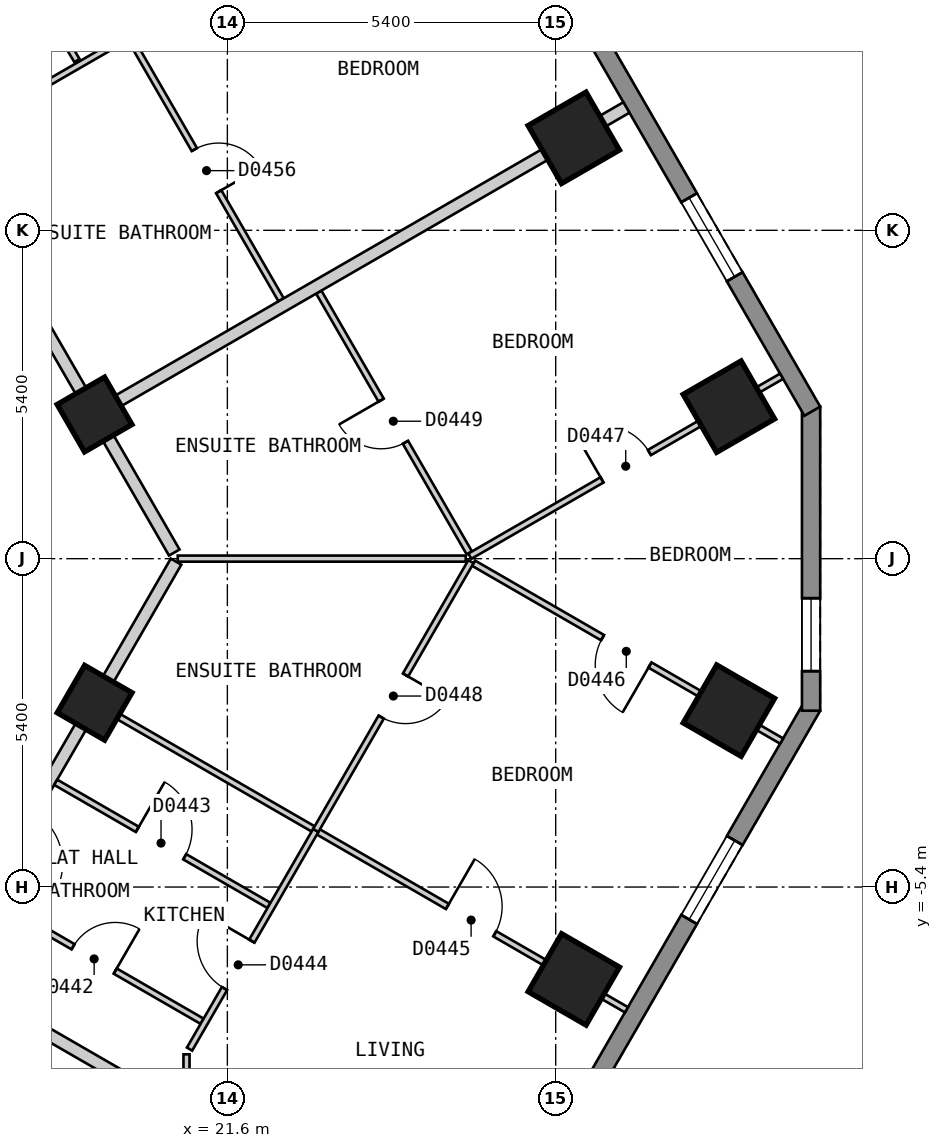
"""IFC4 building model, lengths in metres.
Left out: names, types, materials, properties, quantities, classifications, styles, units other than length and angle.
Written with IfcOpenShell. Run it as: python <this file> out.ifc"""

import sys

from ifc_helpers import new_model, si_unit, direction, frame, frame_2d, origin, origin_2d, place, context, subcontext, project, spatial, polyline, rectangle, outline, extrude, element, fill, save


model = new_model("IFC4")
c1 = context("Model", 3, precision=1e-05, world=origin(), true_north=direction((0.0, 1.0)))
c2 = subcontext(c1, "Body", "Model", "MODEL_VIEW")
j1 = project(units=[si_unit("LENGTHUNIT", "METRE"), si_unit("PLANEANGLEUNIT", "RADIAN")], contexts=[c1])
p1 = place(None, origin())
s1 = spatial("IfcSite", under=j1, at=p1, CompositionType="ELEMENT")
p2 = place(p1, origin())
s2 = spatial("IfcBuilding", under=s1, at=p2, CompositionType="ELEMENT")
p3 = place(p2, frame((0.0, 0.0, 26.4)))
s3 = spatial("IfcBuildingStorey", under=s2, at=p3, CompositionType="ELEMENT", Elevation=26.4)
for number, where, z_axis, x_axis in (
    (1, (27.298, -6.919, 0.0), (0.0, 0.0, 1.0), (0.5, 0.866, 0.0)),
    (2, (29.849, -2.499, 0.0), (0.0, 0.0, 1.0), (0.5, 0.866, 0.0)),
    (3, (29.848, 2.5, 0.0), (0.0, 0.0, 1.0), (-0.5, 0.866, 0.0)),
    (4, (27.297, 6.921, 0.0), (0.0, 0.0, 1.0), (-0.5, 0.866, 0.0)),
):
    element("IfcColumn", number, at=place(p3, frame(where, z_axis=z_axis, x_axis=x_axis)), inside=s3, PredefinedType="COLUMN", context=c2, shape_type="SweptSolid", body=[
        extrude(rectangle(XDim=1.1, YDim=1.1, at=origin_2d()), origin(), (0.0, 0.0, 1.0), 3.0),
    ])
for number, where, z_axis, x_axis in (
    (5, (19.417, -2.369, 0.0), (0.0, 0.0, 1.0), (0.5, 0.866, 0.0)),
    (6, (19.416, 2.371, 0.0), (0.0, 0.0, 1.0), (-0.5, 0.866, 0.0)),
):
    element("IfcColumn", number, at=place(p3, frame(where, z_axis=z_axis, x_axis=x_axis)), inside=s3, PredefinedType="COLUMN", context=c2, shape_type="SweptSolid", body=[
        extrude(rectangle(XDim=0.9, YDim=0.9, at=origin_2d()), origin(), (0.0, 0.0, 1.0), 3.0),
    ])
p4 = place(p3, frame((17.71, -25.825, 0.0), z_axis=(0.0, 0.0, 1.0), x_axis=(0.500001938803, 0.866024284413, 0.0)))
e7 = element("IfcWall", 7, at=p4, inside=s3, PredefinedType="SOLIDWALL", context=c2, shape_type="SweptSolid", body=[
    extrude(outline(polyline([(0.0, -0.15), (27.02, -0.15), (26.94, 0.15), (0.08, 0.15), (0.0, -0.15)])), origin(), (0.0, 0.0, 1.0), 2.7),
])
p5 = place(p4, frame((2.553, 0.0, 0.15)))
e8 = element("IfcOpeningElement", 8, at=p5, cuts=e7, PredefinedType="OPENING", context=c2, shape_type="SweptSolid", body=[
    extrude(rectangle(XDim=1.5, YDim=2.1, at=frame_2d((0.75, 1.05))), frame((0.0, 0.16, 0.0), z_axis=(0.0, -1.0, 0.0), x_axis=(1.0, 0.0, 0.0)), (0.0, 0.0, 1.0), 0.32),
])
p6 = place(p4, frame((7.658, 0.0, 0.15)))
e9 = element("IfcOpeningElement", 9, at=p6, cuts=e7, PredefinedType="OPENING", context=c2, shape_type="SweptSolid", body=[
    extrude(rectangle(XDim=1.5, YDim=2.1, at=frame_2d((0.75, 1.05))), frame((0.0, 0.16, 0.0), z_axis=(0.0, -1.0, 0.0), x_axis=(1.0, 0.0, 0.0)), (0.0, 0.0, 1.0), 0.32),
])
p7 = place(p4, frame((12.761, 0.0, 0.15)))
e10 = element("IfcOpeningElement", 10, at=p7, cuts=e7, PredefinedType="OPENING", context=c2, shape_type="SweptSolid", body=[
    extrude(rectangle(XDim=1.5, YDim=2.1, at=frame_2d((0.75, 1.05))), frame((0.0, 0.16, 0.0), z_axis=(0.0, -1.0, 0.0), x_axis=(1.0, 0.0, 0.0)), (0.0, 0.0, 1.0), 0.32),
])
p8 = place(p4, frame((17.865, 0.0, 0.15)))
e11 = element("IfcOpeningElement", 11, at=p8, cuts=e7, PredefinedType="OPENING", context=c2, shape_type="SweptSolid", body=[
    extrude(rectangle(XDim=1.5, YDim=2.1, at=frame_2d((0.75, 1.05))), frame((0.0, 0.16, 0.0), z_axis=(0.0, -1.0, 0.0), x_axis=(1.0, 0.0, 0.0)), (0.0, 0.0, 1.0), 0.32),
])
p9 = place(p4, frame((22.969, 0.0, 0.15)))
e12 = element("IfcOpeningElement", 12, at=p9, cuts=e7, PredefinedType="OPENING", context=c2, shape_type="SweptSolid", body=[
    extrude(rectangle(XDim=1.5, YDim=2.1, at=frame_2d((0.75, 1.05))), frame((0.0, 0.16, 0.0), z_axis=(0.0, -1.0, 0.0), x_axis=(1.0, 0.0, 0.0)), (0.0, 0.0, 1.0), 0.32),
])
p10 = place(p3, frame((31.2, -2.5, 0.0), z_axis=(0.0, 0.0, 1.0), x_axis=(0.0, 1.0, 0.0)))
e13 = element("IfcWall", 13, at=p10, inside=s3, PredefinedType="SOLIDWALL", context=c2, shape_type="SweptSolid", body=[
    extrude(outline(polyline([(0.0, -0.15), (5.0, -0.15), (4.92, 0.15), (0.08, 0.15), (0.0, -0.15)])), origin(), (0.0, 0.0, 1.0), 2.7),
])
p11 = place(p10, frame((0.65, 0.0, 0.15)))
e14 = element("IfcOpeningElement", 14, at=p11, cuts=e13, PredefinedType="OPENING", context=c2, shape_type="SweptSolid", body=[
    extrude(rectangle(XDim=1.2, YDim=2.1, at=frame_2d((0.6, 1.05))), frame((0.0, 0.16, 0.0), z_axis=(0.0, -1.0, 0.0), x_axis=(1.0, 0.0, 0.0)), (0.0, 0.0, 1.0), 0.32),
])
p12 = place(p3, frame((31.22, 2.425, 0.0), z_axis=(0.0, 0.0, 1.0), x_axis=(-0.500001938803, 0.866024284413, 0.0)))
e15 = element("IfcWall", 15, at=p12, inside=s3, PredefinedType="SOLIDWALL", context=c2, shape_type="SweptSolid", body=[
    extrude(outline(polyline([(0.0, -0.15), (27.02, -0.15), (26.94, 0.15), (0.08, 0.15), (0.0, -0.15)])), origin(), (0.0, 0.0, 1.0), 2.7),
])
p13 = place(p12, frame((2.553, 0.0, 0.15)))
e16 = element("IfcOpeningElement", 16, at=p13, cuts=e15, PredefinedType="OPENING", context=c2, shape_type="SweptSolid", body=[
    extrude(rectangle(XDim=1.5, YDim=2.1, at=frame_2d((0.75, 1.05))), frame((0.0, 0.16, 0.0), z_axis=(0.0, -1.0, 0.0), x_axis=(1.0, 0.0, 0.0)), (0.0, 0.0, 1.0), 0.32),
])
p14 = place(p12, frame((7.657, 0.0, 0.15)))
e17 = element("IfcOpeningElement", 17, at=p14, cuts=e15, PredefinedType="OPENING", context=c2, shape_type="SweptSolid", body=[
    extrude(rectangle(XDim=1.5, YDim=2.1, at=frame_2d((0.75, 1.05))), frame((0.0, 0.16, 0.0), z_axis=(0.0, -1.0, 0.0), x_axis=(1.0, 0.0, 0.0)), (0.0, 0.0, 1.0), 0.32),
])
p15 = place(p12, frame((12.761, 0.0, 0.15)))
e18 = element("IfcOpeningElement", 18, at=p15, cuts=e15, PredefinedType="OPENING", context=c2, shape_type="SweptSolid", body=[
    extrude(rectangle(XDim=1.5, YDim=2.1, at=frame_2d((0.75, 1.05))), frame((0.0, 0.16, 0.0), z_axis=(0.0, -1.0, 0.0), x_axis=(1.0, 0.0, 0.0)), (0.0, 0.0, 1.0), 0.32),
])
p16 = place(p12, frame((17.865, 0.0, 0.15)))
e19 = element("IfcOpeningElement", 19, at=p16, cuts=e15, PredefinedType="OPENING", context=c2, shape_type="SweptSolid", body=[
    extrude(rectangle(XDim=1.5, YDim=2.1, at=frame_2d((0.75, 1.05))), frame((0.0, 0.16, 0.0), z_axis=(0.0, -1.0, 0.0), x_axis=(1.0, 0.0, 0.0)), (0.0, 0.0, 1.0), 0.32),
])
p17 = place(p12, frame((22.969, 0.0, 0.15)))
e20 = element("IfcOpeningElement", 20, at=p17, cuts=e15, PredefinedType="OPENING", context=c2, shape_type="SweptSolid", body=[
    extrude(rectangle(XDim=1.5, YDim=2.1, at=frame_2d((0.75, 1.05))), frame((0.0, 0.16, 0.0), z_axis=(0.0, -1.0, 0.0), x_axis=(1.0, 0.0, 0.0)), (0.0, 0.0, 1.0), 0.32),
])
p18 = place(p3, frame((10.45, 17.9, 0.0), z_axis=(0.0, 0.0, 1.0), x_axis=(0.500034352617, -0.866005569383, 0.0)))
e21 = element("IfcWall", 21, at=p18, inside=s3, PredefinedType="PARTITIONING", context=c2, shape_type="SweptSolid", body=[
    extrude(rectangle(XDim=20.553, YDim=0.2, at=frame_2d((10.276, 0.0))), origin(), (0.0, 0.0, 1.0), 2.7),
])
p19 = place(p18, frame((9.775, 0.0, 0.0)))
e22 = element("IfcOpeningElement", 22, at=p19, cuts=e21, PredefinedType="OPENING", context=c2, shape_type="SweptSolid", body=[
    extrude(rectangle(XDim=1.0, YDim=2.1, at=frame_2d((0.5, 1.05))), frame((0.0, 0.11, 0.0), z_axis=(0.0, -1.0, 0.0), x_axis=(1.0, 0.0, 0.0)), (0.0, 0.0, 1.0), 0.22),
])
p20 = place(p18, frame((0.852, 0.0, 0.0)))
e23 = element("IfcOpeningElement", 23, at=p20, cuts=e21, PredefinedType="OPENING", context=c2, shape_type="SweptSolid", body=[
    extrude(rectangle(XDim=0.8, YDim=2.1, at=frame_2d((0.4, 1.05))), frame((0.0, 0.11, 0.0), z_axis=(0.0, -1.0, 0.0), x_axis=(1.0, 0.0, 0.0)), (0.0, 0.0, 1.0), 0.22),
])
p21 = place(p3, frame((15.707, -8.794, 0.0), z_axis=(0.0, 0.0, 1.0), x_axis=(0.500016151272, 0.866016078642, 0.0)))
e24 = element("IfcWall", 24, at=p21, inside=s3, PredefinedType="PARTITIONING", context=c2, shape_type="SweptSolid", body=[
    extrude(rectangle(XDim=10.098, YDim=0.2, at=frame_2d((5.049, 0.0))), origin(), (0.0, 0.0, 1.0), 2.7),
])
p22 = place(p21, frame((4.367, 0.0, 0.0)))
e25 = element("IfcOpeningElement", 25, at=p22, cuts=e24, PredefinedType="OPENING", context=c2, shape_type="SweptSolid", body=[
    extrude(rectangle(XDim=1.0, YDim=2.1, at=frame_2d((0.5, 1.05))), frame((0.0, 0.11, 0.0), z_axis=(0.0, -1.0, 0.0), x_axis=(1.0, 0.0, 0.0)), (0.0, 0.0, 1.0), 0.22),
])
p23 = place(p3, frame((17.485, 10.957, 0.0), z_axis=(0.0, 0.0, 1.0), x_axis=(0.510324709283, -0.859981796956, 0.0)))
e26 = element("IfcWall", 26, at=p23, inside=s3, PredefinedType="PARTITIONING", context=c2, shape_type="SweptSolid", body=[
    extrude(rectangle(XDim=3.215, YDim=0.1, at=frame_2d((1.608, 0.0))), origin(), (0.0, 0.0, 1.0), 2.7),
])
p24 = place(p3, frame((20.006, 8.548, 0.0), z_axis=(0.0, 0.0, 1.0), x_axis=(0.500055121407, -0.865993577086, 0.0)))
e27 = element("IfcWall", 27, at=p24, inside=s3, PredefinedType="PARTITIONING", context=c2, shape_type="SweptSolid", body=[
    extrude(rectangle(XDim=4.955, YDim=0.1, at=frame_2d((2.478, 0.0))), origin(), (0.0, 0.0, 1.0), 2.7),
])
p25 = place(p24, frame((2.102, 0.0, 0.0)))
e28 = element("IfcOpeningElement", 28, at=p25, cuts=e27, PredefinedType="OPENING", context=c2, shape_type="SweptSolid", body=[
    extrude(rectangle(XDim=0.8, YDim=2.1, at=frame_2d((0.4, 1.05))), frame((0.0, 0.06, 0.0), z_axis=(0.0, -1.0, 0.0), x_axis=(1.0, 0.0, 0.0)), (0.0, 0.0, 1.0), 0.12),
])
p26 = place(p3, frame((23.103, 4.384, 0.0), z_axis=(0.0, 0.0, 1.0), x_axis=(0.500029609304, -0.86600830817, 0.0)))
e29 = element("IfcWall", 29, at=p26, inside=s3, PredefinedType="PARTITIONING", context=c2, shape_type="SweptSolid", body=[
    extrude(rectangle(XDim=4.954, YDim=0.1, at=frame_2d((2.477, 0.0))), origin(), (0.0, 0.0, 1.0), 2.7),
])
p27 = place(p26, frame((2.052, 0.0, 0.0)))
e30 = element("IfcOpeningElement", 30, at=p27, cuts=e29, PredefinedType="OPENING", context=c2, shape_type="SweptSolid", body=[
    extrude(rectangle(XDim=0.8, YDim=2.1, at=frame_2d((0.4, 1.05))), frame((0.0, 0.06, 0.0), z_axis=(0.0, -1.0, 0.0), x_axis=(1.0, 0.0, 0.0)), (0.0, 0.0, 1.0), 0.12),
])
p28 = place(p3, frame((17.677, -5.582, 0.0), z_axis=(0.0, 0.0, 1.0), x_axis=(0.866015917575, -0.500016430238, 0.0)))
e31 = element("IfcWall", 31, at=p28, inside=s3, PredefinedType="PARTITIONING", context=c2, shape_type="SweptSolid", body=[
    extrude(rectangle(XDim=4.05, YDim=0.1, at=frame_2d((2.025, 0.0))), origin(), (0.0, 0.0, 1.0), 2.7),
])
p29 = place(p28, frame((1.6, 0.0, 0.0)))
e32 = element("IfcOpeningElement", 32, at=p29, cuts=e31, PredefinedType="OPENING", context=c2, shape_type="SweptSolid", body=[
    extrude(rectangle(XDim=0.8, YDim=2.1, at=frame_2d((0.4, 1.05))), frame((0.0, 0.06, 0.0), z_axis=(0.0, -1.0, 0.0), x_axis=(1.0, 0.0, 0.0)), (0.0, 0.0, 1.0), 0.12),
])
p30 = place(p3, frame((18.777, -3.677, 0.0), z_axis=(0.0, 0.0, 1.0), x_axis=(0.866000843773, -0.500042536776, 0.0)))
e33 = element("IfcWall", 33, at=p30, inside=s3, PredefinedType="PARTITIONING", context=c2, shape_type="SweptSolid", body=[
    extrude(rectangle(XDim=4.05, YDim=0.1, at=frame_2d((2.025, 0.0))), origin(), (0.0, 0.0, 1.0), 2.7),
])
p31 = place(p30, frame((1.55, 0.0, 0.0)))
e34 = element("IfcOpeningElement", 34, at=p31, cuts=e33, PredefinedType="OPENING", context=c2, shape_type="SweptSolid", body=[
    extrude(rectangle(XDim=0.9, YDim=2.1, at=frame_2d((0.45, 1.05))), frame((0.0, 0.06, 0.0), z_axis=(0.0, -1.0, 0.0), x_axis=(1.0, 0.0, 0.0)), (0.0, 0.0, 1.0), 0.12),
])
p32 = place(p3, frame((19.503, -2.419, 0.0), z_axis=(0.0, 0.0, 1.0), x_axis=(0.866047370643, -0.499961950354, 0.0)))
e35 = element("IfcWall", 35, at=p32, inside=s3, PredefinedType="PARTITIONING", context=c2, shape_type="SweptSolid", body=[
    extrude(rectangle(XDim=10.001, YDim=0.1, at=frame_2d((5.0, 0.0))), origin(), (0.0, 0.0, 1.0), 2.7),
])
p33 = place(p32, frame((6.6, 0.0, 0.0)))
e36 = element("IfcOpeningElement", 36, at=p33, cuts=e35, PredefinedType="OPENING", context=c2, shape_type="SweptSolid", body=[
    extrude(rectangle(XDim=0.9, YDim=2.1, at=frame_2d((0.45, 1.05))), frame((0.0, 0.06, 0.0), z_axis=(0.0, -1.0, 0.0), x_axis=(1.0, 0.0, 0.0)), (0.0, 0.0, 1.0), 0.12),
])
p34 = place(p3, frame((25.649, -0.074, 0.0), z_axis=(0.0, 0.0, 1.0), x_axis=(0.866059819573, -0.499940385368, 0.0)))
e37 = element("IfcWall", 37, at=p34, inside=s3, PredefinedType="PARTITIONING", context=c2, shape_type="SweptSolid", body=[
    extrude(rectangle(XDim=5.851, YDim=0.1, at=frame_2d((2.925, 0.0))), origin(), (0.0, 0.0, 1.0), 2.7),
])
p35 = place(p34, frame((2.45, 0.0, 0.0)))
e38 = element("IfcOpeningElement", 38, at=p35, cuts=e37, PredefinedType="OPENING", context=c2, shape_type="SweptSolid", body=[
    extrude(rectangle(XDim=0.9, YDim=2.1, at=frame_2d((0.45, 1.05))), frame((0.0, 0.06, 0.0), z_axis=(0.0, -1.0, 0.0), x_axis=(1.0, 0.0, 0.0)), (0.0, 0.0, 1.0), 0.12),
])
p36 = place(p3, frame((20.784, 0.001, 0.0), z_axis=(0.0, 0.0, 1.0), x_axis=(1.0, 0.0, 0.0)))
e39 = element("IfcWall", 39, at=p36, inside=s3, PredefinedType="PARTITIONING", context=c2, shape_type="SweptSolid", body=[
    extrude(rectangle(XDim=4.736, YDim=0.1, at=frame_2d((2.368, 0.0))), origin(), (0.0, 0.0, 1.0), 2.7),
])
p37 = place(p3, frame((20.978, -8.065, 0.0), z_axis=(0.0, 0.0, 1.0), x_axis=(0.499965068118, 0.866045570776, 0.0)))
e40 = element("IfcWall", 40, at=p37, inside=s3, PredefinedType="PARTITIONING", context=c2, shape_type="SweptSolid", body=[
    extrude(rectangle(XDim=4.152, YDim=0.1, at=frame_2d((2.076, 0.0))), origin(), (0.0, 0.0, 1.0), 2.7),
])
p38 = place(p37, frame((1.15, 0.0, 0.0)))
e41 = element("IfcOpeningElement", 41, at=p38, cuts=e40, PredefinedType="OPENING", context=c2, shape_type="SweptSolid", body=[
    extrude(rectangle(XDim=0.9, YDim=2.1, at=frame_2d((0.45, 1.05))), frame((0.0, 0.06, 0.0), z_axis=(0.0, -1.0, 0.0), x_axis=(1.0, 0.0, 0.0)), (0.0, 0.0, 1.0), 0.12),
])
p39 = place(p3, frame((20.928, -9.02, 0.0), z_axis=(0.0, 0.0, 1.0), x_axis=(0.0, 1.0, 0.0)))
e42 = element("IfcWall", 42, at=p39, inside=s3, PredefinedType="PARTITIONING", context=c2, shape_type="SweptSolid", body=[
    extrude(rectangle(XDim=0.869, YDim=0.1, at=frame_2d((0.435, 0.0))), origin(), (0.0, 0.0, 1.0), 2.7),
])
p40 = place(p3, frame((25.588, 0.041, 0.0), z_axis=(0.0, 0.0, 1.0), x_axis=(0.866113484451, 0.499847408768, 0.0)))
e43 = element("IfcWall", 43, at=p40, inside=s3, PredefinedType="PARTITIONING", context=c2, shape_type="SweptSolid", body=[
    extrude(rectangle(XDim=5.92, YDim=0.1, at=frame_2d((2.96, 0.0))), origin(), (0.0, 0.0, 1.0), 2.7),
])
p41 = place(p40, frame((2.51, 0.0, 0.0)))
e44 = element("IfcOpeningElement", 44, at=p41, cuts=e43, PredefinedType="OPENING", context=c2, shape_type="SweptSolid", body=[
    extrude(rectangle(XDim=0.9, YDim=2.1, at=frame_2d((0.45, 1.05))), frame((0.0, 0.06, 0.0), z_axis=(0.0, -1.0, 0.0), x_axis=(1.0, 0.0, 0.0)), (0.0, 0.0, 1.0), 0.12),
])
p42 = place(p3, frame((16.95, 6.841, 0.0), z_axis=(0.0, 0.0, 1.0), x_axis=(0.866022959057, 0.500004234368, 0.0)))
e45 = element("IfcWall", 45, at=p42, inside=s3, PredefinedType="PARTITIONING", context=c2, shape_type="SweptSolid", body=[
    extrude(rectangle(XDim=10.0, YDim=0.1, at=frame_2d((5.0, 0.0))), origin(), (0.0, 0.0, 1.0), 2.7),
])
p43 = place(p42, frame((4.795, 0.0, 0.0)))
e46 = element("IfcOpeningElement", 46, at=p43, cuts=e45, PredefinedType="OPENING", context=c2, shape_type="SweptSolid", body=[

________

- What the task requires
Would you state how many lines of the data above hold the string "polyline"? Reply with the number alone.

- Answer box
4